- **Task instructions**:
Scan the material for the word "CompositionType" and copy each line where it occurs.

- **Input material**:
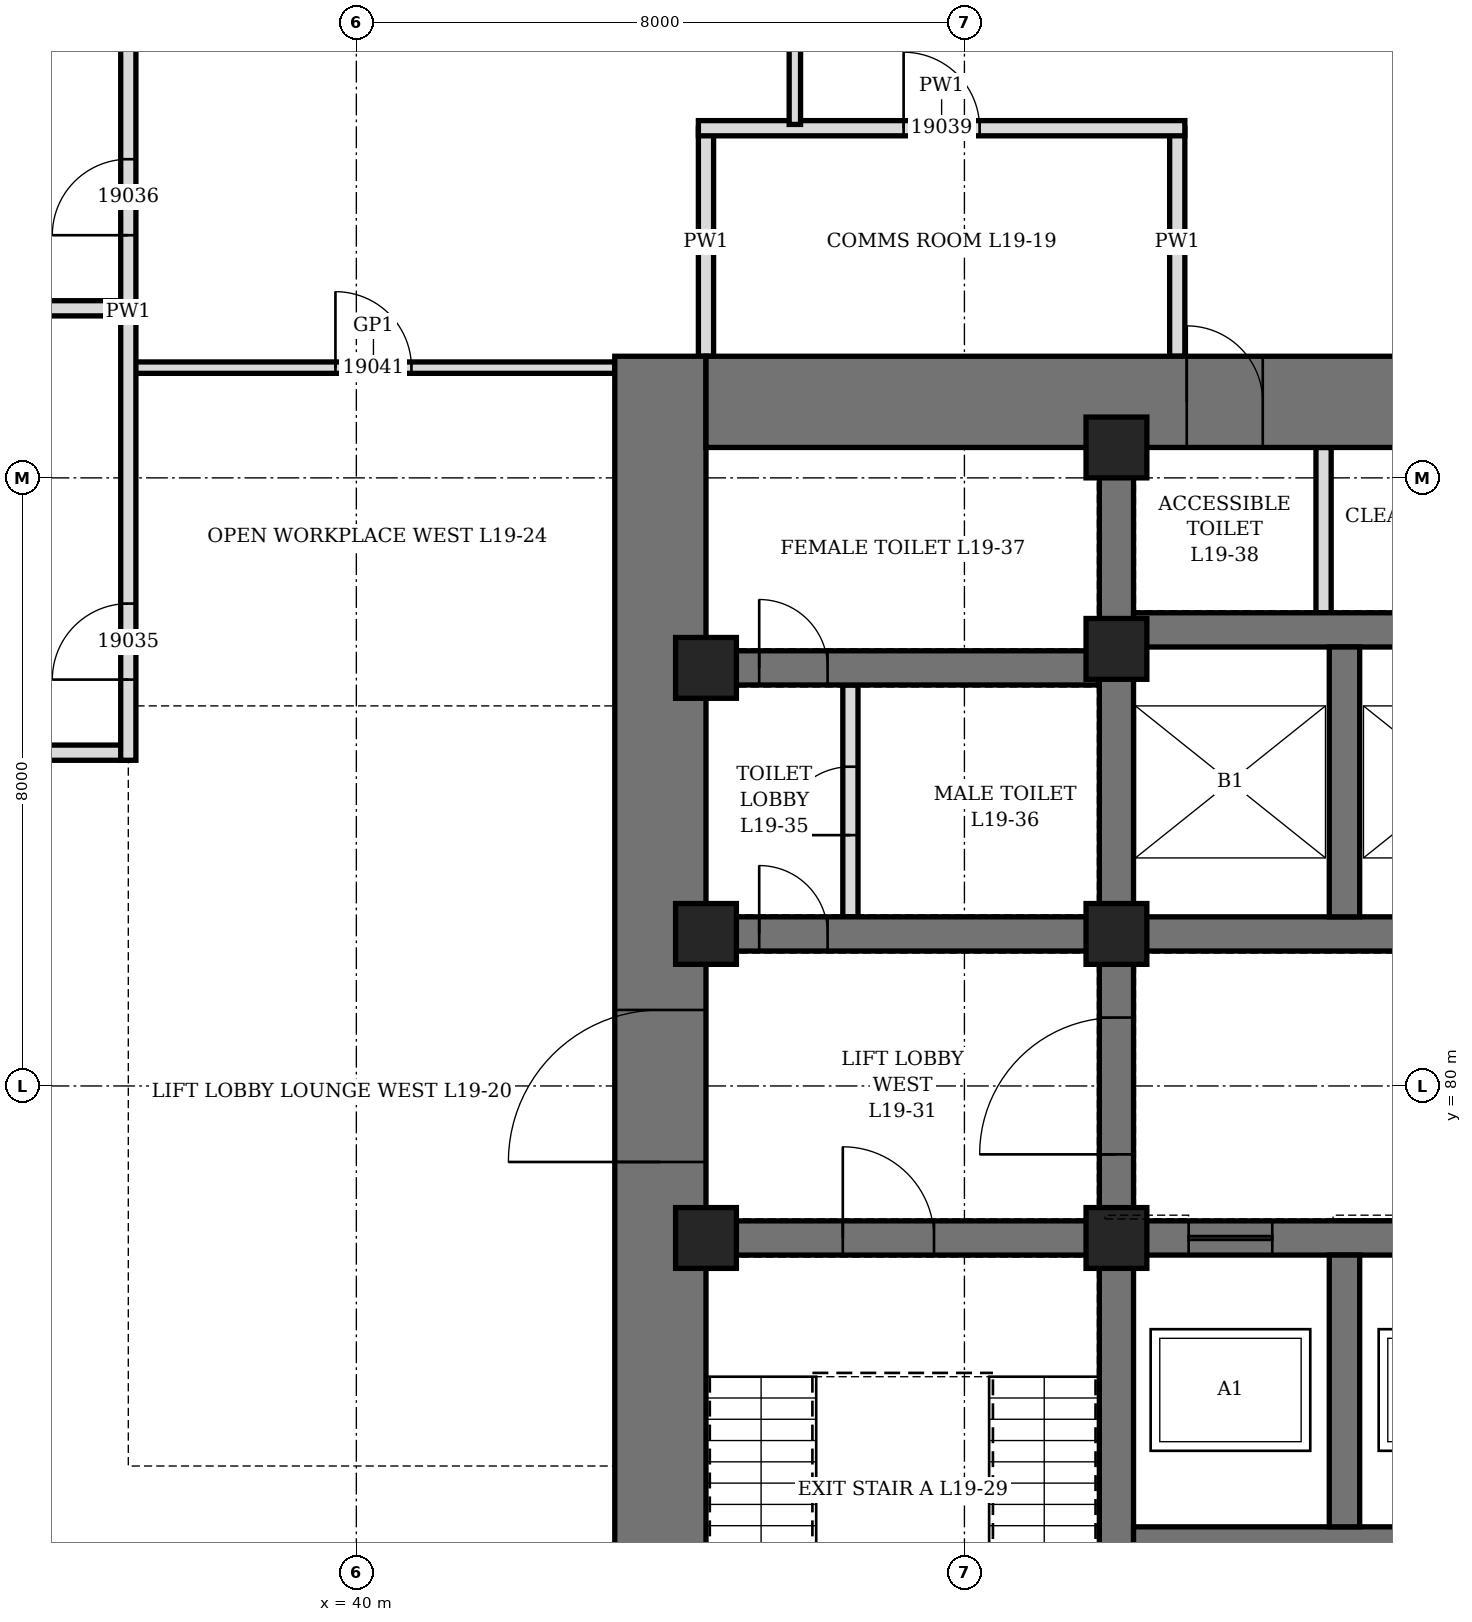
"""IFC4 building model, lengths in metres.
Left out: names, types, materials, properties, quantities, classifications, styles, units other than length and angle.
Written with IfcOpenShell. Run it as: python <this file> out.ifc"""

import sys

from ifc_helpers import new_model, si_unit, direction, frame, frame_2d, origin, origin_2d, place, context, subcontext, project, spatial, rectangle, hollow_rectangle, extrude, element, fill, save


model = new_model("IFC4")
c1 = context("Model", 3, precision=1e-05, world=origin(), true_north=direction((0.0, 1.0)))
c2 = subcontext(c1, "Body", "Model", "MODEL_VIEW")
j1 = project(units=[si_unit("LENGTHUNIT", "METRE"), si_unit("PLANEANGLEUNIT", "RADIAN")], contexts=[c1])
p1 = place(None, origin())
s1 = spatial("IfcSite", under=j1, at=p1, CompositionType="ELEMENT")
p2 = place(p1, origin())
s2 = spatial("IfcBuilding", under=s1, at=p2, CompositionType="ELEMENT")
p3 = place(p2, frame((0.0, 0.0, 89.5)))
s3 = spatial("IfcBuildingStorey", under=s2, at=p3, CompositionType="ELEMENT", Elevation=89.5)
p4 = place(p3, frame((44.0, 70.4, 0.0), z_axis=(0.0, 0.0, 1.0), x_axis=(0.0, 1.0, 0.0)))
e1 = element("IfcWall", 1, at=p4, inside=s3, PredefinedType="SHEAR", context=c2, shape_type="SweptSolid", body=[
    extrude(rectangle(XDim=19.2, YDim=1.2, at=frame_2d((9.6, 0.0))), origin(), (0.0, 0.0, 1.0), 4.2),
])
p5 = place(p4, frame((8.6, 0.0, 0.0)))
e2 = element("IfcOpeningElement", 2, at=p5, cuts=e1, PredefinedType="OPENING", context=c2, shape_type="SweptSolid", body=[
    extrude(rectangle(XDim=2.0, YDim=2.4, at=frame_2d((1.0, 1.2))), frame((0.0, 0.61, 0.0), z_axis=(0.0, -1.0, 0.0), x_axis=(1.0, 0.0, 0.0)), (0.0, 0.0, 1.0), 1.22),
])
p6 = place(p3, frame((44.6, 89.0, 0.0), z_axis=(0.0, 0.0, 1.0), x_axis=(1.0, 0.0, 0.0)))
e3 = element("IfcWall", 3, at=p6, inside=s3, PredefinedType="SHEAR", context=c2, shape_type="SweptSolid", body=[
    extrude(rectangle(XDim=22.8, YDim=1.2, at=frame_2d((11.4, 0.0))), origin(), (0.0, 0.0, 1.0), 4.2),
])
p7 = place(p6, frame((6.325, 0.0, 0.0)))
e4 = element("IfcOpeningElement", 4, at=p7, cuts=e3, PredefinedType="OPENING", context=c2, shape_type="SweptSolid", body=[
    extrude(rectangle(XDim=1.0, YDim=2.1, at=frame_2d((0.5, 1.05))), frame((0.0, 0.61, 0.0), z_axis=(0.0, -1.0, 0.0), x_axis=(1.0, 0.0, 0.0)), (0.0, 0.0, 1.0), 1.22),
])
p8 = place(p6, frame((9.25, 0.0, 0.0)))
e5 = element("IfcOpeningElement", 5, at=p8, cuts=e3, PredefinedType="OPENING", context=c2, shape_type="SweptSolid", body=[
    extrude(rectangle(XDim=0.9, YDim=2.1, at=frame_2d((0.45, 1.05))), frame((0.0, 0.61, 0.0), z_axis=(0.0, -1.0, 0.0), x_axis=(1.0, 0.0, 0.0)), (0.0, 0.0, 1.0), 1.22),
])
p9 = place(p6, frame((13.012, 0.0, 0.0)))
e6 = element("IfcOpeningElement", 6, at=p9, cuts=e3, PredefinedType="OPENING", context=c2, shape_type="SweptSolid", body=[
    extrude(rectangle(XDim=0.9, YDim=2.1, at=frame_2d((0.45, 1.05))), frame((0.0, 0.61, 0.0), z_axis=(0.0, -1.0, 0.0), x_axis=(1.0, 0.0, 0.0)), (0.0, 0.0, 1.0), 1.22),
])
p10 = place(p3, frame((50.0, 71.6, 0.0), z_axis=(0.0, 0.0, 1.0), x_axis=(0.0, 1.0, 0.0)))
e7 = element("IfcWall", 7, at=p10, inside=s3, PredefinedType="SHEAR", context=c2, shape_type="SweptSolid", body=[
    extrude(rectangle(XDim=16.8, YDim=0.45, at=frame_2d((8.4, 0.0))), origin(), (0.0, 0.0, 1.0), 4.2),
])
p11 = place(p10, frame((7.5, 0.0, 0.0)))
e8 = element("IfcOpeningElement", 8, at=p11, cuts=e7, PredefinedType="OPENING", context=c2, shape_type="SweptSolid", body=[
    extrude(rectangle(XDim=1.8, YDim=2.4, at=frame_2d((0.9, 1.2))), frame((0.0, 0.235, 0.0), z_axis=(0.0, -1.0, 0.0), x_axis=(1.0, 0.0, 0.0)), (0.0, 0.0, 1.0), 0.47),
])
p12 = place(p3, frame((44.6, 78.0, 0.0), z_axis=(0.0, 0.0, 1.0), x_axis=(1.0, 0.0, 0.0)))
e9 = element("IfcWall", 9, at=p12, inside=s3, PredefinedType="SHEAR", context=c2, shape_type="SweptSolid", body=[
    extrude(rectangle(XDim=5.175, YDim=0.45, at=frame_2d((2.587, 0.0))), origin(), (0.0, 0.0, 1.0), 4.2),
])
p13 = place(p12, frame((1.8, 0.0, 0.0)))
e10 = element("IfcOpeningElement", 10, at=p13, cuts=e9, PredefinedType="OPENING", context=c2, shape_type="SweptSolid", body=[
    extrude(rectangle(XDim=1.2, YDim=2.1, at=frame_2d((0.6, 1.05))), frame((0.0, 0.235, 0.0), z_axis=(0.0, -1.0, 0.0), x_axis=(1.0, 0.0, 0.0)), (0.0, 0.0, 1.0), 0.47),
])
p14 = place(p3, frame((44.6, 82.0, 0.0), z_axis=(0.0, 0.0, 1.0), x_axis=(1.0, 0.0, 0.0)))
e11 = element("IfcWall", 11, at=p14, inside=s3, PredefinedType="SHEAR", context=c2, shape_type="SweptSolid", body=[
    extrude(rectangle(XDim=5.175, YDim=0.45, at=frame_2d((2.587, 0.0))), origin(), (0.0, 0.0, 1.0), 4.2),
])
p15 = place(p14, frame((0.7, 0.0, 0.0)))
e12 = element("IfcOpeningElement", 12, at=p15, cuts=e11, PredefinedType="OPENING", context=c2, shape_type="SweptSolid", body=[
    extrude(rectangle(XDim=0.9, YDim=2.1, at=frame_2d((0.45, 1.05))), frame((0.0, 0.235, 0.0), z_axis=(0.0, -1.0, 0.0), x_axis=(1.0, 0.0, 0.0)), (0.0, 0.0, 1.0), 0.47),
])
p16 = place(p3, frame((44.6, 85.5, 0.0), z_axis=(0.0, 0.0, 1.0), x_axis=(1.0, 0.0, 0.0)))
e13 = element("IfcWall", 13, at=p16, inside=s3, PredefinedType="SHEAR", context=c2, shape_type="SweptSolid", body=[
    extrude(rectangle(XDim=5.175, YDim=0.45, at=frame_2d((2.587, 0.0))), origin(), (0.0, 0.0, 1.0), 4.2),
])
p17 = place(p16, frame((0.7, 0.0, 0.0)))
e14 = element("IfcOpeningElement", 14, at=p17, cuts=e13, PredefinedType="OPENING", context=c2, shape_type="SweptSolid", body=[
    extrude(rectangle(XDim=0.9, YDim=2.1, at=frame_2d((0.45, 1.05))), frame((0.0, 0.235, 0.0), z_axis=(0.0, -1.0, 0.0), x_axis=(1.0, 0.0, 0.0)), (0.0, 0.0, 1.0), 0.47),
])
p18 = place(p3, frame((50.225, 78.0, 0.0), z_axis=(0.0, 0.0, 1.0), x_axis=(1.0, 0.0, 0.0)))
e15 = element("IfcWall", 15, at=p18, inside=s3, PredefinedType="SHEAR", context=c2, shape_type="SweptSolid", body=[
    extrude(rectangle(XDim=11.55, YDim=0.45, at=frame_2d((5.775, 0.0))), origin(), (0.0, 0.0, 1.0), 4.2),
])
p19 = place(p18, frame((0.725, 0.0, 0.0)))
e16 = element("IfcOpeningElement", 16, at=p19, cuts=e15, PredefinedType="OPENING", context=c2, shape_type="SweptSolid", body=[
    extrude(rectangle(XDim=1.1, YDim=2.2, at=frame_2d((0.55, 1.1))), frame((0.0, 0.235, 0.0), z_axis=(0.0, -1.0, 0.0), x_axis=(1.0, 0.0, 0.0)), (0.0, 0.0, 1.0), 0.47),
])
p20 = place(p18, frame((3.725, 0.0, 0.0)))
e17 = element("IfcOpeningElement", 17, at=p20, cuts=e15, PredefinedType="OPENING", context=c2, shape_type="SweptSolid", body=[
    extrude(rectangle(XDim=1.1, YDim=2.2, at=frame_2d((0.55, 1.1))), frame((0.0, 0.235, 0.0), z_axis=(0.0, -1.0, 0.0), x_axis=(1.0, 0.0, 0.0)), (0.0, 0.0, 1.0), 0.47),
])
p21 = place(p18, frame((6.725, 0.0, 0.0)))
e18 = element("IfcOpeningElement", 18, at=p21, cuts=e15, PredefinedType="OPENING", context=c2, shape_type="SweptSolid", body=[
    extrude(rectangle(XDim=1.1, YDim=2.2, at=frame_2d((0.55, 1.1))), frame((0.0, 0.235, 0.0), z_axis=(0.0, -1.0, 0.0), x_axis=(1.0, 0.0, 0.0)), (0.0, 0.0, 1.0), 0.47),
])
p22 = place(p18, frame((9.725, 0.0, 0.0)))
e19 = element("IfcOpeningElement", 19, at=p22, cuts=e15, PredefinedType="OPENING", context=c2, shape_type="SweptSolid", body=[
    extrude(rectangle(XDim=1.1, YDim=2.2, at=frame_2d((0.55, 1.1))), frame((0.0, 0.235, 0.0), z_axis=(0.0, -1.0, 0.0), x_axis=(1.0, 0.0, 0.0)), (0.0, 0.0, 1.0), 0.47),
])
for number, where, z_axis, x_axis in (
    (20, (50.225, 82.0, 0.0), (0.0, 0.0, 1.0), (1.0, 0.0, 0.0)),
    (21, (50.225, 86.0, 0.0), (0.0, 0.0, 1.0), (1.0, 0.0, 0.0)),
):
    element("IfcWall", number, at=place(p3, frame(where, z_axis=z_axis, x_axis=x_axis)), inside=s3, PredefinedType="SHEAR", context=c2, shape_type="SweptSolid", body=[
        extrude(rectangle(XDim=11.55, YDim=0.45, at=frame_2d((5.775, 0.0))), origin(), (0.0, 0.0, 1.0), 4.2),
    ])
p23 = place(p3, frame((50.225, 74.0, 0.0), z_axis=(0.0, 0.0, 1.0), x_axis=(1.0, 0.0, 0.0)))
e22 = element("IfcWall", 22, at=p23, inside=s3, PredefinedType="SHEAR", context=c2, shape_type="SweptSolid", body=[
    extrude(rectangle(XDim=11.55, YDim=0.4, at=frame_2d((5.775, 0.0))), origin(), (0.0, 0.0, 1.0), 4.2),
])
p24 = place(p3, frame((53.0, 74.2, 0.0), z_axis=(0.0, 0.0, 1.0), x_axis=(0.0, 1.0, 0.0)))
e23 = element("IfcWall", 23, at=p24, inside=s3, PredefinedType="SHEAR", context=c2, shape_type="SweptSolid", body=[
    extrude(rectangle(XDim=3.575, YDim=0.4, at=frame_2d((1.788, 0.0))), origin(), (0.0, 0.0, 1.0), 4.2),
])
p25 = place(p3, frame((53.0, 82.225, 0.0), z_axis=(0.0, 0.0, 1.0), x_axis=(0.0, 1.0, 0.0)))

- **Expected answer**:
s1 = spatial("IfcSite", under=j1, at=p1, CompositionType="ELEMENT")
s2 = spatial("IfcBuilding", under=s1, at=p2, CompositionType="ELEMENT")
s3 = spatial("IfcBuildingStorey", under=s2, at=p3, CompositionType="ELEMENT", Elevation=89.5)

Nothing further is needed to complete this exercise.